(Dataset excerpts)
Content starts

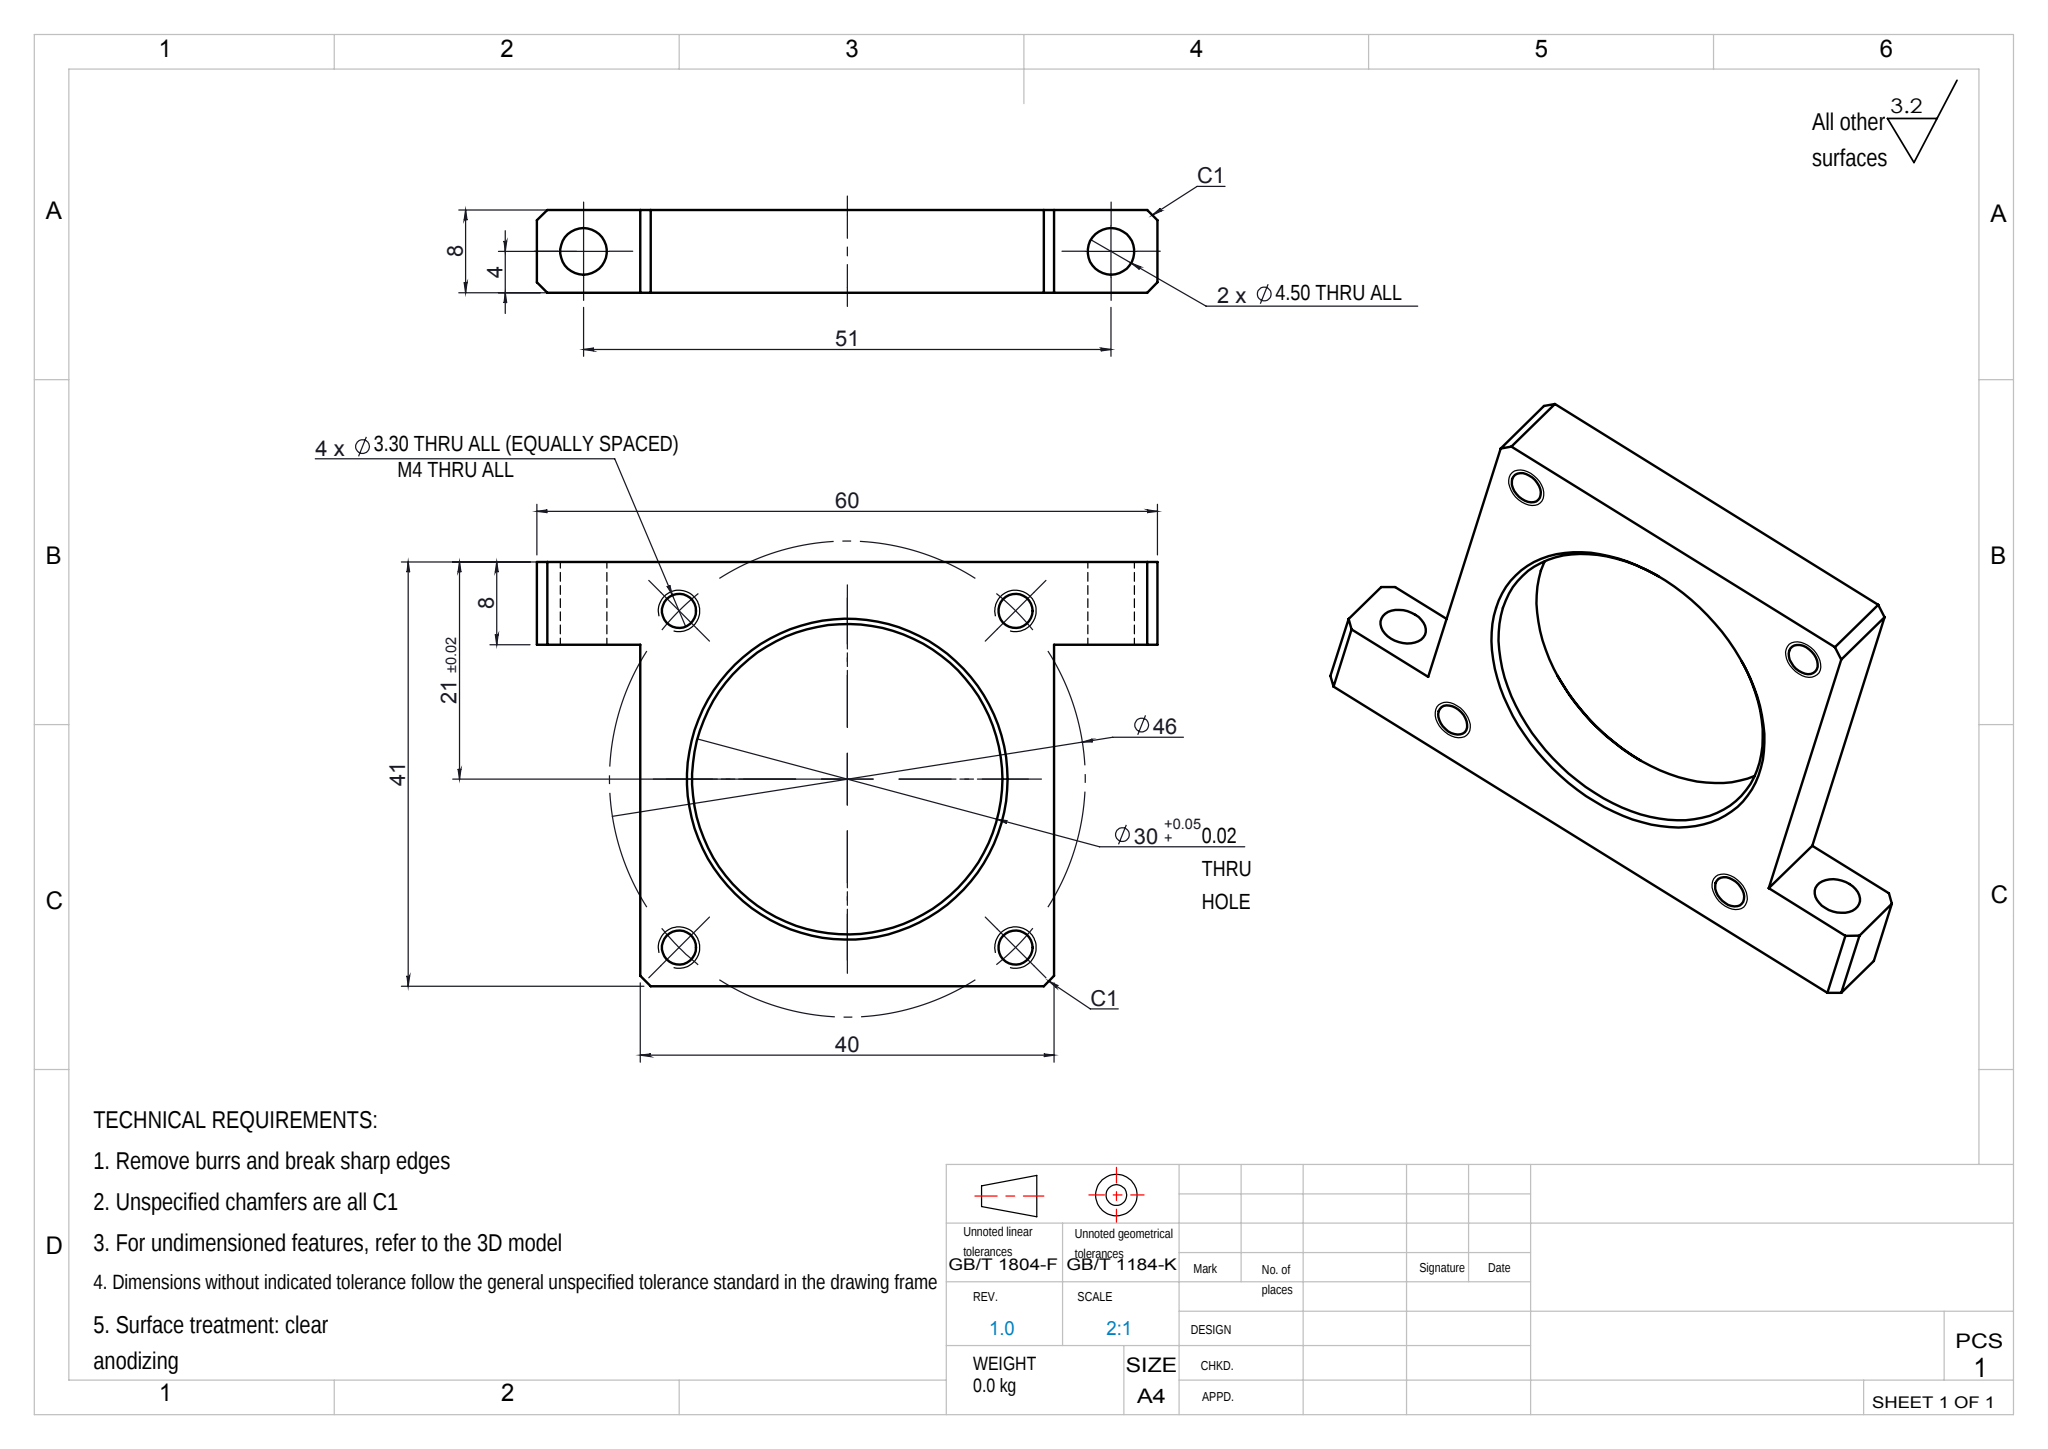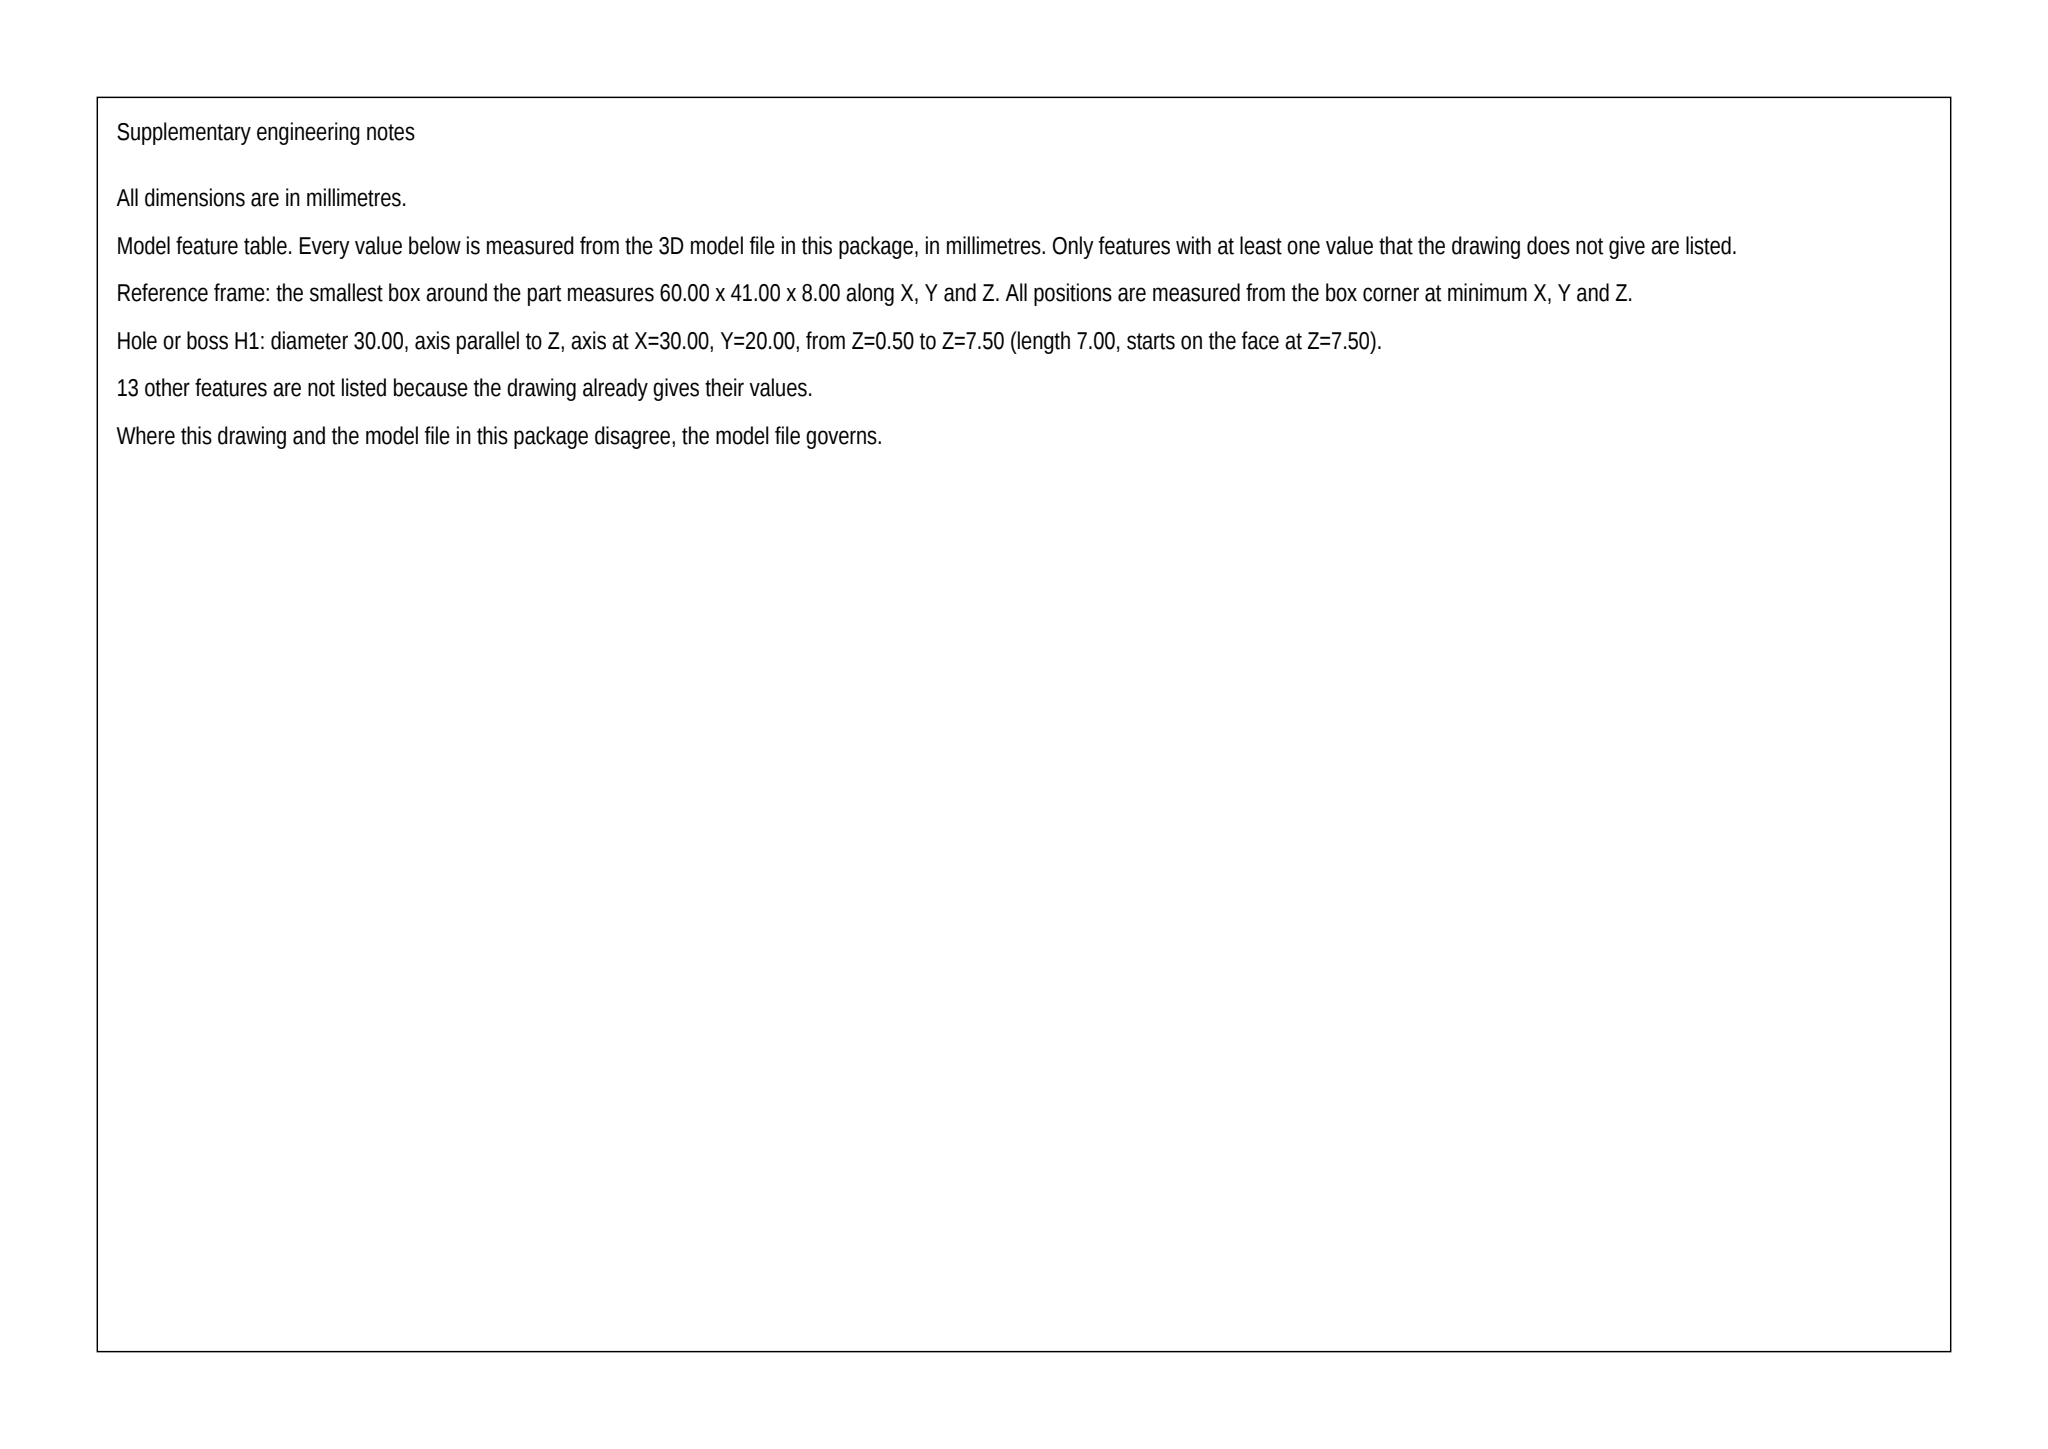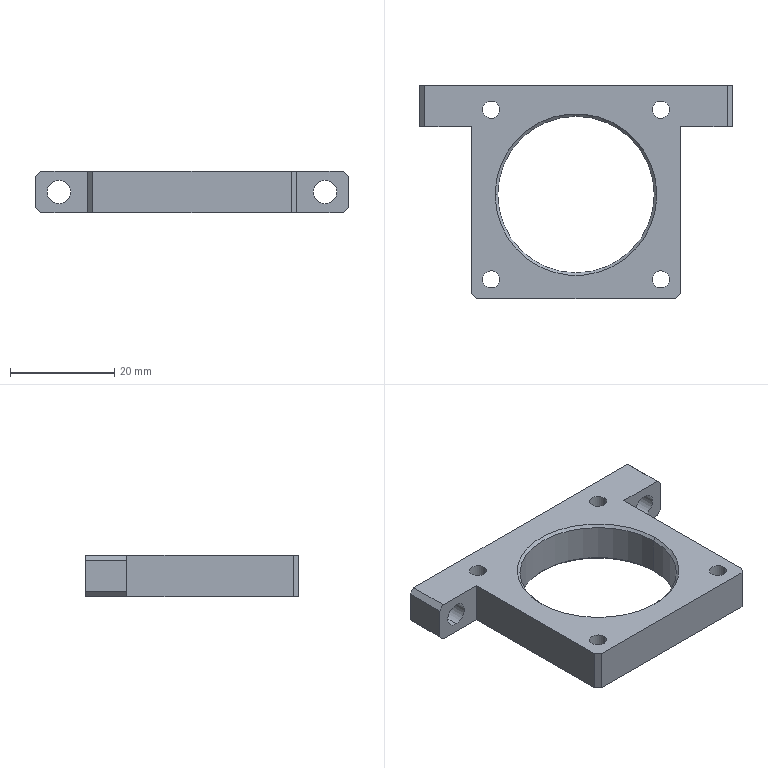Part | SolidWorks | mm | material AL 6061 | 1 solid | 34 faces | box 60 x 41 x 8 mm | volume 8169 mm3 | plane 16 | cylinder 14 | cone 4 | commonest cylinder face diameters 3.3 x8 4.5 x4 30 x2
Drawing notes:
4X Ø3.30 THRU, NO TAP - DISREGARD 'M4 THRU' | from the solid: 4 cylinders dia 3.30, axis z, from z0 to z8 at (13.7,3.7),(13.7,36.3),(46.3,3.7),(46.3,36.3); no thread geometry in STEP
CENTER BORE: Ø30.00 ±0.02 THRU, C0.5 BOTH ENDS | from the solid: cylinder dia 30.0 axis z at (30.0,20.0) from z0.5 to z7.5; 90deg cones ref dia 30/31 at each face = 0.5 chamfer
build123d program:
from build123d import *

# Parameters (mm, degrees)
SKETCH1_W            = 60
SKETCH1_H            = 41
BOSS_EXTRUDE1_DEPTH  = 8
SKETCH4_R            = 15
CUT_EXTRUDE2_DEPTH   = 38.206
M4_TAPPED_HOLE1_D    = 3.3
SKETCH23_W           = 10
SKETCH23_H           = 33
CUT_EXTRUDE3_DEPTH   = 38.206
M4_CLEARANCE_HOLE1_D = 4.5
CHAMFER2_SIZE        = 1
CHAMFER3_SIZE        = 0.5


with BuildPart() as part:
    # Sketch1 → Boss-Extrude1 (new body)
    with BuildSketch(Plane.XY):
        Rectangle(SKETCH1_W, SKETCH1_H)
    extrude(amount=BOSS_EXTRUDE1_DEPTH)

    # Sketch4 → Cut-Extrude2 (cut, through all)
    with BuildSketch(Plane.XY.offset(8)):
        with Locations((0, -0.5)):
            Circle(SKETCH4_R)
    extrude(amount=-CUT_EXTRUDE2_DEPTH, mode=Mode.SUBTRACT)

    # M4 Tapped Hole1 (through all)
    with Locations(Plane.XY.offset(8)):
        with Locations((-16.265, 15.763), (-16.265, -16.763), (16.265, 15.763), (16.265, -16.763)):
            Hole(M4_TAPPED_HOLE1_D / 2)

    # Sketch23 → Cut-Extrude3 (cut, through all)
    with BuildSketch(Plane.XY.offset(8)):
        with Locations((-25, -4)):
            Rectangle(SKETCH23_W, SKETCH23_H)
        with Locations((25, -4)):
            Rectangle(SKETCH23_W, SKETCH23_H)
    extrude(amount=-CUT_EXTRUDE3_DEPTH, mode=Mode.SUBTRACT)

    # M4 Clearance Hole1 (through all)
    with Locations(Plane(origin=(0, 12.5, 0), x_dir=(-1, 0, 0), z_dir=(0, -1, 0))):
        with Locations((25.5, -4), (-25.5, -4)):
            Hole(M4_CLEARANCE_HOLE1_D / 2)

    # Chamfer2
    chamfer2_edges = [part.edges().sort_by_distance(p)[0] for p in [
        (30, 16.5, 0),
        (30, 16.5, 8),
        (-30, 16.5, 8),
        (-20, -20.5, 4),
        (20, -20.5, 4),
        (-30, 16.5, 0),
    ]]
    chamfer(chamfer2_edges, length=CHAMFER2_SIZE)

    # Chamfer3
    chamfer3_edges = [part.edges().sort_by_distance(p)[0] for p in [
        (-15, -0.5, 0),
        (-15, -0.5, 8),
    ]]
    chamfer(chamfer3_edges, length=CHAMFER3_SIZE)


solid = part.part
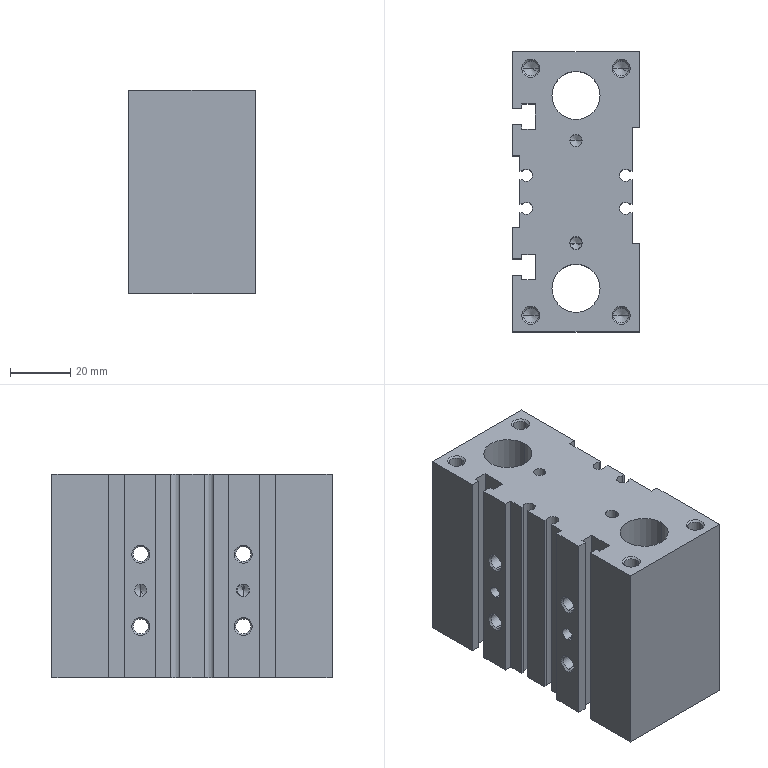Component | SolidWorks | MGPM25-30Z-M9P-1_MGPM25_30Z_0_BODY_2-1 | 1 solid | 176 faces | volume 189935 mm3 | cylinder 64 | plane 64 | cone 48 | commonest cylinder face diameters 4.917 x16 4 x12 9.5 x8 5.4 x8 8.566 x8 4.05 x4 16 x4 10 x2

Content ends

WORK INSTRUCTION:
Scan the lines above for "extrude(amount=BOSS_EXTRUDE1_DEPTH)" and for "extrude(amount=-CUT_EXTRUDE2_DEPTH, mode=Mode.SUBTRACT)". Repeat exactly the line holding each of them and every line in between.

ANSWER:
    extrude(amount=BOSS_EXTRUDE1_DEPTH)

    # Sketch4 → Cut-Extrude2 (cut, through all)
    with BuildSketch(Plane.XY.offset(8)):
        with Locations((0, -0.5)):
            Circle(SKETCH4_R)
    extrude(amount=-CUT_EXTRUDE2_DEPTH, mode=Mode.SUBTRACT)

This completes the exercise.